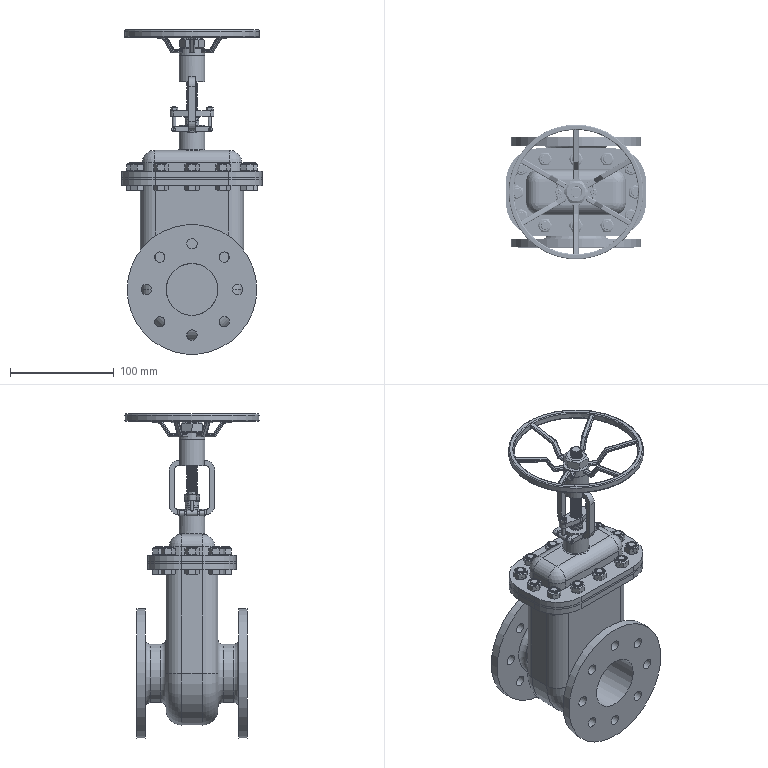Assembly | NX | mm | 37 component files | 37 solids | 1041 faces | box 135 x 130 x 312.5 mm | volume 588204 mm3 | cylinder 490 | plane 409 | spline 72 | cone 48 | torus 14 | sphere 8 | commonest cylinder face diameters 8 x134 10 x132 2 x72 3 x24 10.2 x22 24 x16 64 x12 18 x12
Bill of materials:
unnamed part 1 | 1 |  | Hollow flanged body. It has two opposed circular end flanges joined by a narrow central body, and a rounded-rectangle flange on top that is perpendicular to the end flanges.
unnamed part 2 | 1 |  | Thin circular disc with chamfered edges and a slender rod extending outward from one point on its rim. The rod is plain near the disc and has thread-like grooves over its outer portion.
unnamed part 3 | 1 |  | Flanged cover-like part. A flat rounded-rectangle flange carries a raised domed housing, and a cylindrical neck rises from the dome to a rectangular loop frame topped by a cylindrical boss.
unnamed part 4 | 2 |  | T-shaped part: a short hollow cylindrical cross-tube with a through-bore, and a perpendicular round rod attached at its mid-length with a thread-like grooved end.
unnamed part 5 | 12 |  | Hex-head bolt-like part with a chamfered hexagonal head, a plain cylindrical shank, and a short thread-like grooved section at the tip.
unnamed part 6 | 12 |  | Hexagonal nut-like part with chamfered corners on both faces and a central bore that has internal thread-like grooves. The bore is large relative to the hex size.
unnamed part 7 | 1 |  | Spoked wheel: a thin circular rim joined to a central hub by six evenly spaced spokes. Each spoke has a cranked (offset) profile, so the hub sits below the plane of the rim.
unnamed part 8 | 1 |  | Hexagonal nut-like part with corner chamfers on both faces and a central bore with internal thread-like grooves.
unnamed part 9 | 1 |  | Flat, diamond-shaped plate with rounded ends, a large central bore with internal thread-like grooves, and a small through-hole near each end.
unnamed part 10 | 2 |  | Plain solid cylindrical pin with small chamfers at both ends.
unnamed part 11 | 2 |  | Hexagonal nut-like part with corner chamfers on both faces and a central bore with internal thread-like grooves.
unnamed part 12 | 1 |  | Very thin flat sheet with a rounded-rectangle outline, a large rounded-rectangle central opening, and 12 small through-holes around the border.
Mates:
1. fix | valve_body 1 component
2. touch align | washer 1 face | valve_body 1 face
3. touch align | washer 1 face | valve_body 1 face
4. touch align | valve_body 1 face | washer 1 face
5. touch align | washer 1 face | top_cover 1 face
6. touch align | top_cover 1 face | valve_body 1 face
7. touch align | top_cover 1 face | valve_body 1 face
8. concentric | top_cover 1 edge | fastener 1 arc
9. parallel | fastener 1 face | top_cover 1 face
10. parallel | valve_cap 1 face | valve_body 1 face
11. touch align | valve_cap 1 face | top_cover 1 face
12. concentric | top_cover 1 edge | handwheel 1 edge
13. concentric | handwheel 1 edge | nut_M10 1 arc
14. concentric | nut_M8x6 12 edge | valve_body 1 edge
15. parallel | nut_M8x6 12 face | valve_body 1 face
16. concentric | nut_M8x6 11 edge | valve_body 1 edge
17. parallel | nut_M8x6 11 face | valve_body 1 face
18. concentric | valve_body 1 edge | nut_M8x6 10 edge
19. parallel | nut_M8x6 10 face | valve_body 1 face
20. concentric | valve_body 1 edge | nut_M8x6 9 edge
21. parallel | nut_M8x6 9 face | valve_body 1 face
22. concentric | nut_M8x6 8 edge | valve_body 1 edge
23. parallel | nut_M8x6 8 face | valve_body 1 face
24. concentric | valve_body 1 edge | nut_M8x6 7 edge
25. parallel | nut_M8x6 7 face | valve_body 1 face
26. concentric | nut_M8x6 6 edge | valve_body 1 edge
27. parallel | nut_M8x6 6 face | valve_body 1 face
28. concentric | valve_body 1 edge | nut_M8x6 5 edge
29. parallel | nut_M8x6 5 face | valve_body 1 face
30. concentric | valve_body 1 edge | nut_M8x6 4 edge
31. parallel | nut_M8x6 4 face | valve_body 1 face
32. concentric | valve_body 1 edge | nut_M8x6 3 edge
33. parallel | nut_M8x6 3 face | valve_body 1 face
34. concentric | nut_M8x6 2 edge | valve_body 1 edge
35. parallel | nut_M8x6 2 face | valve_body 1 face
36. concentric | nut_M8x6 1 edge | valve_body 1 edge
37. parallel | nut_M8x6 1 face | valve_body 1 face
38. parallel | nut_M8 12 face | top_cover 1 face
39. concentric | top_cover 1 edge | nut_M8 11 arc
40. parallel | nut_M8 11 face | top_cover 1 face
41. parallel | nut_M8 10 face | top_cover 1 face
42. concentric | top_cover 1 edge | nut_M8 9 arc
43. parallel | nut_M8 9 face | top_cover 1 face
44. concentric | top_cover 1 edge | nut_M8 8 arc
45. parallel | nut_M8 8 face | top_cover 1 face
46. concentric | top_cover 1 edge | nut_M8 7 arc
47. parallel | nut_M8 7 face | top_cover 1 face
48. parallel | nut_M8 6 face | top_cover 1 face
49. concentric | top_cover 1 edge | nut_M8 5 arc
50. parallel | nut_M8 5 face | top_cover 1 face
51. concentric | nut_M8 4 arc | top_cover 1 edge
52. parallel | nut_M8 4 face | top_cover 1 face
53. parallel | nut_M8 3 face | top_cover 1 face
54. concentric | nut_M8 2 arc | top_cover 1 edge
55. parallel | nut_M8 2 face | top_cover 1 face
56. concentric | top_cover 1 edge | nut_M8 1 arc
57. parallel | nut_M8 1 face | top_cover 1 face
58. concentric | connector 2 edge | top_cover 1 edge
59. concentric | connector 1 edge | top_cover 1 edge
60. touch align | locating_post 2 face | connector 1 face
61. center | locating_post 2 face | locating_post 2 face | top_cover 1 face | top_cover 1 face
62. parallel | locating_post 2 face | top_cover 1 face
63. touch align | locating_post 1 face | connector 2 face
64. touch align | locating_post 1 face | fastener 1 face
65. concentric | fastener 1 edge | nut_M3 2 arc
66. concentric | fastener 1 edge | nut_M3 1 arc
67. parallel | nut_M3 1 face | top_cover 1 face
68. parallel | nut_M3 2 face | top_cover 1 face

____________

EXERCISE AIM
Every line above with the word "from" is to be copied out.

FINAL ANSWER
unnamed part 2 | 1 |  | Thin circular disc with chamfered edges and a slender rod extending outward from one point on its rim. The rod is plain near the disc and has thread-like grooves over its outer portion.
unnamed part 3 | 1 |  | Flanged cover-like part. A flat rounded-rectangle flange carries a raised domed housing, and a cylindrical neck rises from the dome to a rectangular loop frame topped by a cylindrical boss.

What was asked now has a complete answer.